*HOW TO COMPLETE THIS TASK*.
Extract the lines from the first one in the records below through the line containing "p3 = place(p2, frame((0.0, 0.0, 24.0)))", keeping both ends and leaving out any pictures.

(PROVIDED INFORMATION Opens)

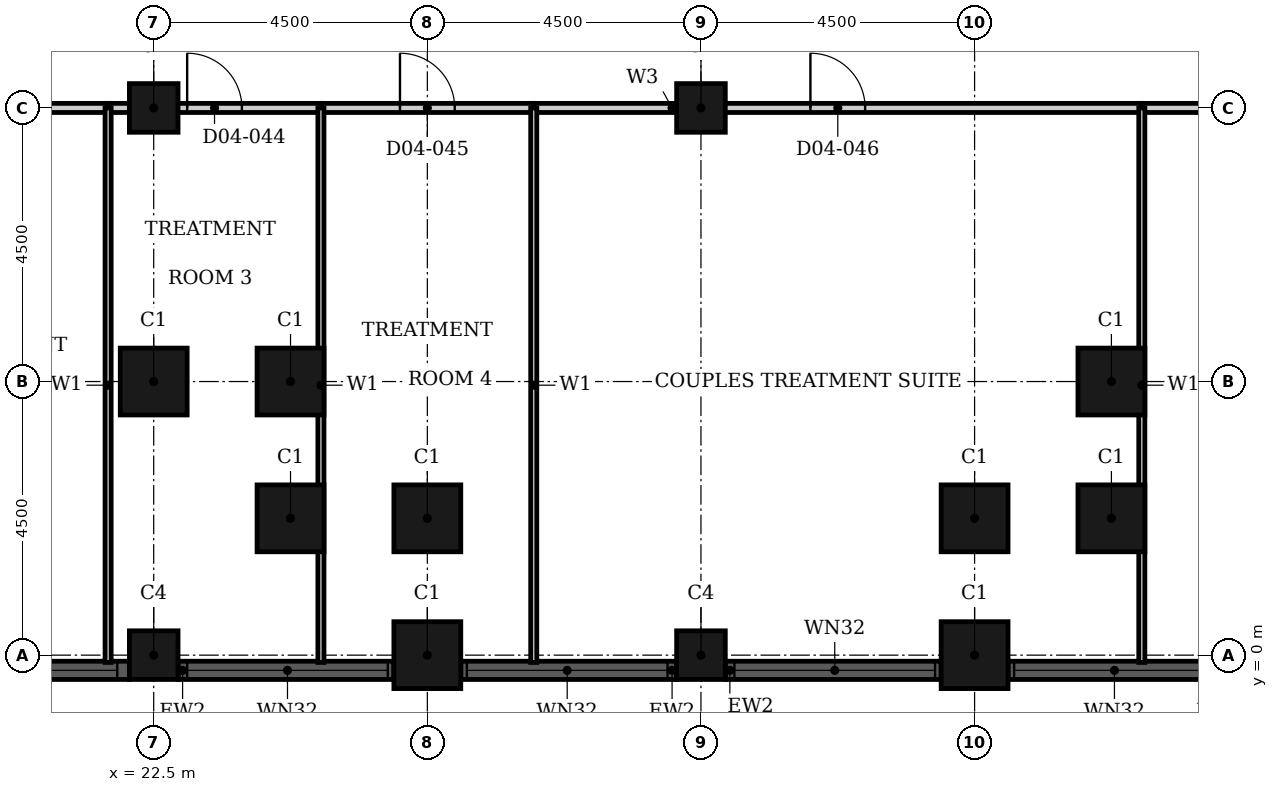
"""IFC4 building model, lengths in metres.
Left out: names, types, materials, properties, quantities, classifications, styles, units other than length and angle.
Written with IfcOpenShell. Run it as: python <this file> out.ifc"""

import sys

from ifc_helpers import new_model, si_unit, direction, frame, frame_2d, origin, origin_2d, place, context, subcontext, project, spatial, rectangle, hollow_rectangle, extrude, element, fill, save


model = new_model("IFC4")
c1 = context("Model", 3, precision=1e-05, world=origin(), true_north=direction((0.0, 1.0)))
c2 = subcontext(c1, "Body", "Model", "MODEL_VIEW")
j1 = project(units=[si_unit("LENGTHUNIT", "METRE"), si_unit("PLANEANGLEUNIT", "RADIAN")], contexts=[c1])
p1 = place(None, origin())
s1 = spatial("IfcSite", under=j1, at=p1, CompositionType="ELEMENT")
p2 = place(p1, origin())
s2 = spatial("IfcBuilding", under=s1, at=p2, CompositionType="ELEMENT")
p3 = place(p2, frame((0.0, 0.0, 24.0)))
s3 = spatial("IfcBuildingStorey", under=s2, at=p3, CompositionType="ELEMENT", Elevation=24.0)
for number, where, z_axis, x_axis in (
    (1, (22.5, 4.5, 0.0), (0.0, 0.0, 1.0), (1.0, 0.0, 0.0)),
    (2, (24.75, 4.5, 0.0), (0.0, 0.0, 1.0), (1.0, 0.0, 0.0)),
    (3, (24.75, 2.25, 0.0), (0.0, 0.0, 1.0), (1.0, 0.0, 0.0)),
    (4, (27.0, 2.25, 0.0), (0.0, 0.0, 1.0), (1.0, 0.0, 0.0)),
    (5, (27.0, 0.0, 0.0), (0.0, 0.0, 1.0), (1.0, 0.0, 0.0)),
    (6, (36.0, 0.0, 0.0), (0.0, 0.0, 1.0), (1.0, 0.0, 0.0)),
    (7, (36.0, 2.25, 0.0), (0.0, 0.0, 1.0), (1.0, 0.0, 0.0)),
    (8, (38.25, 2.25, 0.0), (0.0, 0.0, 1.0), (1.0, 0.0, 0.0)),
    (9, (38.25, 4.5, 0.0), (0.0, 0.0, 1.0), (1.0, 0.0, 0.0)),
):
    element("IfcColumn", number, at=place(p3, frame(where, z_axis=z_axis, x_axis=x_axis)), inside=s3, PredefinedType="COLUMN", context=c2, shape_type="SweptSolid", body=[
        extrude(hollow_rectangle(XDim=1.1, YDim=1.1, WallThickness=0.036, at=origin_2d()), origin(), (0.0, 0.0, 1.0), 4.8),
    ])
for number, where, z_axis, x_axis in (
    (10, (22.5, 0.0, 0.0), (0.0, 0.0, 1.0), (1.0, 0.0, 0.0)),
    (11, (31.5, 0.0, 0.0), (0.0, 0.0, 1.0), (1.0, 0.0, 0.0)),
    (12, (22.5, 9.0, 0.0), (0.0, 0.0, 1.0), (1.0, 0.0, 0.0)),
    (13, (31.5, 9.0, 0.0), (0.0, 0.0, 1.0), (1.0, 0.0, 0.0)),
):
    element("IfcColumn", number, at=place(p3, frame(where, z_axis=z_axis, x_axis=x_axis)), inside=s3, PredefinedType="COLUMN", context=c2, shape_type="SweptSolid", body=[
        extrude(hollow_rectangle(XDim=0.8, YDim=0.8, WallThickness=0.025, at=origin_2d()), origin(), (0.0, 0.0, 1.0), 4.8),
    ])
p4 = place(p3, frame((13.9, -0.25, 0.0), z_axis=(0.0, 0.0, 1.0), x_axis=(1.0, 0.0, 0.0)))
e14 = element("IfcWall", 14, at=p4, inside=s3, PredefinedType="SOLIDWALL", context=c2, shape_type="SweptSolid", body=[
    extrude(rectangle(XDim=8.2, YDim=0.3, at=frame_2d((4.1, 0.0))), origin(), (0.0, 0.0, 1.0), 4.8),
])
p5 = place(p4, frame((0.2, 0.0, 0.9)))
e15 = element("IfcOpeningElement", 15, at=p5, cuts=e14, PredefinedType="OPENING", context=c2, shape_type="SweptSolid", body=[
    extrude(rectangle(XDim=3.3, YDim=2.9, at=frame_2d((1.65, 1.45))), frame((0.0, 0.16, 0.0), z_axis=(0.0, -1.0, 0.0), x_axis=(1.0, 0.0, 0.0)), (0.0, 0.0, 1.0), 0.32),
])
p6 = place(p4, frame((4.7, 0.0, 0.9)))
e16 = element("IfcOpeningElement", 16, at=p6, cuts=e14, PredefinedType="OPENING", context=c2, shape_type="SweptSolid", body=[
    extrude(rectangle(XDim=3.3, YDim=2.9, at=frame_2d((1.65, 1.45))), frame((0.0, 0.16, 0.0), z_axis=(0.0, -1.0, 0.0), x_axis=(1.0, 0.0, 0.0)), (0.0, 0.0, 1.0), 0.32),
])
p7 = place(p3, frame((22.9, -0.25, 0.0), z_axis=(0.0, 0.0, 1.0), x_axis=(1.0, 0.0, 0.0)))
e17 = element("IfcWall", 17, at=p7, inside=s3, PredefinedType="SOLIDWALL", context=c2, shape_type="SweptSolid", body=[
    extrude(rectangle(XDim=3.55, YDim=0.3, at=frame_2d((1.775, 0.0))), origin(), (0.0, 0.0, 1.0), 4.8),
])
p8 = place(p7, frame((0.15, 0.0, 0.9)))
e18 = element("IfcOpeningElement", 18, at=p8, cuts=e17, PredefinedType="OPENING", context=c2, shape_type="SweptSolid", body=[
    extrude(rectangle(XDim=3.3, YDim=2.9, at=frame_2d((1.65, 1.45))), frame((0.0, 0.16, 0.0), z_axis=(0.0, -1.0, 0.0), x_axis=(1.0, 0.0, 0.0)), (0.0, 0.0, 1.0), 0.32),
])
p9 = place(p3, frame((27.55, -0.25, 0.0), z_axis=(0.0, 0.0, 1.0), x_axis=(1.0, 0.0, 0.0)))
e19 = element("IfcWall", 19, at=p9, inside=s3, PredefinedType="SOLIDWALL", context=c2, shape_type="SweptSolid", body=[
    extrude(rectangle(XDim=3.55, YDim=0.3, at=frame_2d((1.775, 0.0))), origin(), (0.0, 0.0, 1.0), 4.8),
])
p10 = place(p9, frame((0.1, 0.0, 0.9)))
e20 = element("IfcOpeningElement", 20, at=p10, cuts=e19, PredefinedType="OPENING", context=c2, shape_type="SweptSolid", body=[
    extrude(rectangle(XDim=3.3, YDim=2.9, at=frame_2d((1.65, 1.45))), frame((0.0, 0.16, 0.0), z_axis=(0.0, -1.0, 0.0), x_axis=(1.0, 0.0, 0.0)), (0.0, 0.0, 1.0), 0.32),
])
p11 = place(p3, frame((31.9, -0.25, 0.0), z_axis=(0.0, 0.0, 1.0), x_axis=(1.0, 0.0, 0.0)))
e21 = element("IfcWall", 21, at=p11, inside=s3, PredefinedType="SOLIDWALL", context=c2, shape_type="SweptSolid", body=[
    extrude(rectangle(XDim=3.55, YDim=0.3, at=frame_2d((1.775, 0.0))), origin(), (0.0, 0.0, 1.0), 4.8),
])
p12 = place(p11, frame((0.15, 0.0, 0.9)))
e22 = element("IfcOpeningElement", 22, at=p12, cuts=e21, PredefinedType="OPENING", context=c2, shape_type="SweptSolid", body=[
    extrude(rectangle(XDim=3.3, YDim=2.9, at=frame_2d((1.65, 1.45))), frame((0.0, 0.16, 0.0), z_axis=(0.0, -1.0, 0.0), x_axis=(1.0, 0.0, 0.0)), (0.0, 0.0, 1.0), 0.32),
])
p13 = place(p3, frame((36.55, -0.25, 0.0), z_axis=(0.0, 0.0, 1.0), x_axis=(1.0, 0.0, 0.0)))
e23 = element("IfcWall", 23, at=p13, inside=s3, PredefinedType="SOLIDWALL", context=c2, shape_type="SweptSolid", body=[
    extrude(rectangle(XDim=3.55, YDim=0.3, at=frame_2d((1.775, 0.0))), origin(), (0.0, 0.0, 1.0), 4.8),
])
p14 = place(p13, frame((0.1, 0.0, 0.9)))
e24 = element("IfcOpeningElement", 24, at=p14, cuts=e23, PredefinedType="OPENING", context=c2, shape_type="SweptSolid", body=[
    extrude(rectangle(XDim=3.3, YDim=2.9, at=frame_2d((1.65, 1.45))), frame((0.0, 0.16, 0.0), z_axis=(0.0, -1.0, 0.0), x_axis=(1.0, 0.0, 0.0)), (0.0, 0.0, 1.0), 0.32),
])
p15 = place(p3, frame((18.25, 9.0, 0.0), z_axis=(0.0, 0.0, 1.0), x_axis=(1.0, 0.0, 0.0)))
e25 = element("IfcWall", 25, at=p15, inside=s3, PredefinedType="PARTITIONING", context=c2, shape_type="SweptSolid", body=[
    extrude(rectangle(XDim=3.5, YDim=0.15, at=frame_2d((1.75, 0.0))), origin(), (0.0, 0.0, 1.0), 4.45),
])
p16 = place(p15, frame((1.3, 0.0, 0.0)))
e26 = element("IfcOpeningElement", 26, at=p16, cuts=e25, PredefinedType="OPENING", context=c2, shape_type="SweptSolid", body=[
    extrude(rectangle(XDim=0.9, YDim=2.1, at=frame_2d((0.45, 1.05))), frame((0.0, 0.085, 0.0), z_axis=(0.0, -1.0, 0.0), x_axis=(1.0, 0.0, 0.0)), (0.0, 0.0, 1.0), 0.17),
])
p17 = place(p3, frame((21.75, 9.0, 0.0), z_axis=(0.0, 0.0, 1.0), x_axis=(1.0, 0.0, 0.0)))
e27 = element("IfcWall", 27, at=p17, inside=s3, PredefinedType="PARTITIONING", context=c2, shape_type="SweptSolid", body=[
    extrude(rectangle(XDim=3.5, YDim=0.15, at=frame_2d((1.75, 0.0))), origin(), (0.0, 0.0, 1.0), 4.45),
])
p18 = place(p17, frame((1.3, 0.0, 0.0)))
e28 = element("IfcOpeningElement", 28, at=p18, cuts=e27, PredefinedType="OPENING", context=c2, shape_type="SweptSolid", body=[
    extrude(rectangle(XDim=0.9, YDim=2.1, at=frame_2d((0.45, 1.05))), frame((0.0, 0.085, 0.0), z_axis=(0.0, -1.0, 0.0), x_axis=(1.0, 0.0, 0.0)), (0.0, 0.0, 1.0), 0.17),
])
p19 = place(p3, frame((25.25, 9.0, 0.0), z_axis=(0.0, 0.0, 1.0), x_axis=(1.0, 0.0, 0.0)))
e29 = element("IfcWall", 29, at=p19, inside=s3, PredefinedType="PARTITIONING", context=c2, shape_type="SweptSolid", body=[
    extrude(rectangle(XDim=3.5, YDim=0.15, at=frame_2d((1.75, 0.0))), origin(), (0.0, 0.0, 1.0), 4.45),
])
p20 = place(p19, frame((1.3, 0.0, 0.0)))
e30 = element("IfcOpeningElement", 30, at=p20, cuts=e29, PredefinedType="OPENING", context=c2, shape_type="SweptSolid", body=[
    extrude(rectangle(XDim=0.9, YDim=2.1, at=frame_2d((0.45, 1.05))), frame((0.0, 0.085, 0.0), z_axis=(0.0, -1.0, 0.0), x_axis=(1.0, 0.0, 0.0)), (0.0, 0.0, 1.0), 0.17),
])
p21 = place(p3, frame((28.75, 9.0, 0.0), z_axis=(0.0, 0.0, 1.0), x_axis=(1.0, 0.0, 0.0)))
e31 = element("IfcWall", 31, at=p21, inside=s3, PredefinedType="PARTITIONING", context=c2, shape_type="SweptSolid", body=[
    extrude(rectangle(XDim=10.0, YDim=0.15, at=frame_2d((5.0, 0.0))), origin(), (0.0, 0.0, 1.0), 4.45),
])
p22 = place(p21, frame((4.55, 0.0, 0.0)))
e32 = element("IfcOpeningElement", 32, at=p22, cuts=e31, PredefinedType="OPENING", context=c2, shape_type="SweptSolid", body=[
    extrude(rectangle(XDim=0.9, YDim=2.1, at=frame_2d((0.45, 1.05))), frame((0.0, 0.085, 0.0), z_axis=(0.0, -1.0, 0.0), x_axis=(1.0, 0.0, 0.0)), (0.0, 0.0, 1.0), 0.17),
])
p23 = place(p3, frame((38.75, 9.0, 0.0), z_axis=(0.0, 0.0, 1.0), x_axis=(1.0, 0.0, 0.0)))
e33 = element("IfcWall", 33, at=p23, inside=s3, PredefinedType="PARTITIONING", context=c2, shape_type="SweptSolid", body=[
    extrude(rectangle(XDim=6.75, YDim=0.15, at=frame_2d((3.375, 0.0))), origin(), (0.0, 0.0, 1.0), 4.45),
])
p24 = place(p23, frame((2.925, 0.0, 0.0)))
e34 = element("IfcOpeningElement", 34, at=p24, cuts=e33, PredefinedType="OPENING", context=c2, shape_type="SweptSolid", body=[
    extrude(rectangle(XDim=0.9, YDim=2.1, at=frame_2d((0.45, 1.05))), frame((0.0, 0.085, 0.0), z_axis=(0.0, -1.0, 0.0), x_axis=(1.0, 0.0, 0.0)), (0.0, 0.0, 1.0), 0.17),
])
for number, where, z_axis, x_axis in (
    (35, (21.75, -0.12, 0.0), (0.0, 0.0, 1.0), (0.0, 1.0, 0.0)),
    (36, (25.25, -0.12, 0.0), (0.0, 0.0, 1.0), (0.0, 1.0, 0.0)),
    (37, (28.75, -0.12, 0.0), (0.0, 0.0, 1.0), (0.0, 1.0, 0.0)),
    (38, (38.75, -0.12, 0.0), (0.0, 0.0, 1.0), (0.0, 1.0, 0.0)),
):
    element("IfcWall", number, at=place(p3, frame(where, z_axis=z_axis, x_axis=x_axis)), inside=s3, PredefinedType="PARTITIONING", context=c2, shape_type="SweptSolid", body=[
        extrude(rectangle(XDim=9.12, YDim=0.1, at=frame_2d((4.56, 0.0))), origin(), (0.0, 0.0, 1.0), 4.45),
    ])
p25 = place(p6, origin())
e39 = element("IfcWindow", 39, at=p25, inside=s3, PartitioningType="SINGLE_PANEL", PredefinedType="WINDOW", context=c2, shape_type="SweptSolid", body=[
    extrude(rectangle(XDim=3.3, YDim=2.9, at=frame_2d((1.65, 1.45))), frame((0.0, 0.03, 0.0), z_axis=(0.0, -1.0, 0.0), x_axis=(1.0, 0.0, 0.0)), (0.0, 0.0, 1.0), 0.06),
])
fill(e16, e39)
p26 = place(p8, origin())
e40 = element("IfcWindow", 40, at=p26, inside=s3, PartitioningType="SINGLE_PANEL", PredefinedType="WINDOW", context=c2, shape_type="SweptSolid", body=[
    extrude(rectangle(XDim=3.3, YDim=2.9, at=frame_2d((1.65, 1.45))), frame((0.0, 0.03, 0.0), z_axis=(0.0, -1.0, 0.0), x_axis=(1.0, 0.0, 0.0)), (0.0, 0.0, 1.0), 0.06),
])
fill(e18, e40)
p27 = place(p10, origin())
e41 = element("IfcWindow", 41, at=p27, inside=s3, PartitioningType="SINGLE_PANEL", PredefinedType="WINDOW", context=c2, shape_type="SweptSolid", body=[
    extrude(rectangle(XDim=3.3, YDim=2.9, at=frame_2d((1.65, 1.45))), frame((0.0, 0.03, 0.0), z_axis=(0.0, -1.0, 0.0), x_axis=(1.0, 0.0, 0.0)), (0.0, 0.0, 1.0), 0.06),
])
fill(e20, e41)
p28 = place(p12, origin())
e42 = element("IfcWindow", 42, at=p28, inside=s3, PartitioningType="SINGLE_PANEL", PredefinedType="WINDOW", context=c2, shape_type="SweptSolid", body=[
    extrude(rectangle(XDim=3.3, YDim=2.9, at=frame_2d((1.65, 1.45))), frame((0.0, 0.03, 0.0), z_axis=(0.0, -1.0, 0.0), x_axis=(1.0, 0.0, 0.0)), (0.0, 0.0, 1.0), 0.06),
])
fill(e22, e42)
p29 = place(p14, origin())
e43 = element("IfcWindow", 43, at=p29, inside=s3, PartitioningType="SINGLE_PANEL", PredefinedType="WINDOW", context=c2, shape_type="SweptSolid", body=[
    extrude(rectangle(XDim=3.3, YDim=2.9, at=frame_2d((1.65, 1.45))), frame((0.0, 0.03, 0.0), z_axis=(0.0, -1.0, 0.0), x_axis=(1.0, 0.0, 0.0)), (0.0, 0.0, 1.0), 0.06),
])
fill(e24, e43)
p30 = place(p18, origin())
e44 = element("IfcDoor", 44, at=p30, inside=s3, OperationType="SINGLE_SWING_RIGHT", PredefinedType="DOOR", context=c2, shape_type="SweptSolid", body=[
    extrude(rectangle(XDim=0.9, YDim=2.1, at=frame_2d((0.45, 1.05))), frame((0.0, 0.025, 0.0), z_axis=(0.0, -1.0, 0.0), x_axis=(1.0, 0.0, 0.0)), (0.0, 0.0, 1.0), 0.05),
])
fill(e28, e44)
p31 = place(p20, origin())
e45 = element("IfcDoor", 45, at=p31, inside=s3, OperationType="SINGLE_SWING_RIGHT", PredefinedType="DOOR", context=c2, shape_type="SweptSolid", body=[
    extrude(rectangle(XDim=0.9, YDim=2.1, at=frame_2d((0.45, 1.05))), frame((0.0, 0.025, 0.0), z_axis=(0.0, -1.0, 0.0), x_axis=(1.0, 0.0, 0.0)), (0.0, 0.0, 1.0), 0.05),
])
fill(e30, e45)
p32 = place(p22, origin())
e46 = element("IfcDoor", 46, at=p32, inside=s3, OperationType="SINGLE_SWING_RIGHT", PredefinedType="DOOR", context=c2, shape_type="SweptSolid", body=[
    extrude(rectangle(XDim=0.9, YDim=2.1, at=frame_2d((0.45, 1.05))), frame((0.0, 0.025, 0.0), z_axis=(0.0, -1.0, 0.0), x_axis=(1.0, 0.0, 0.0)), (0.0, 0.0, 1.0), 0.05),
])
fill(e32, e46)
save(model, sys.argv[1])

(PROVIDED INFORMATION Closes)

*TASK RESPONSE*.
"""IFC4 building model, lengths in metres.
Left out: names, types, materials, properties, quantities, classifications, styles, units other than length and angle.
Written with IfcOpenShell. Run it as: python <this file> out.ifc"""

import sys

from ifc_helpers import new_model, si_unit, direction, frame, frame_2d, origin, origin_2d, place, context, subcontext, project, spatial, rectangle, hollow_rectangle, extrude, element, fill, save


model = new_model("IFC4")
c1 = context("Model", 3, precision=1e-05, world=origin(), true_north=direction((0.0, 1.0)))
c2 = subcontext(c1, "Body", "Model", "MODEL_VIEW")
j1 = project(units=[si_unit("LENGTHUNIT", "METRE"), si_unit("PLANEANGLEUNIT", "RADIAN")], contexts=[c1])
p1 = place(None, origin())
s1 = spatial("IfcSite", under=j1, at=p1, CompositionType="ELEMENT")
p2 = place(p1, origin())
s2 = spatial("IfcBuilding", under=s1, at=p2, CompositionType="ELEMENT")
p3 = place(p2, frame((0.0, 0.0, 24.0)))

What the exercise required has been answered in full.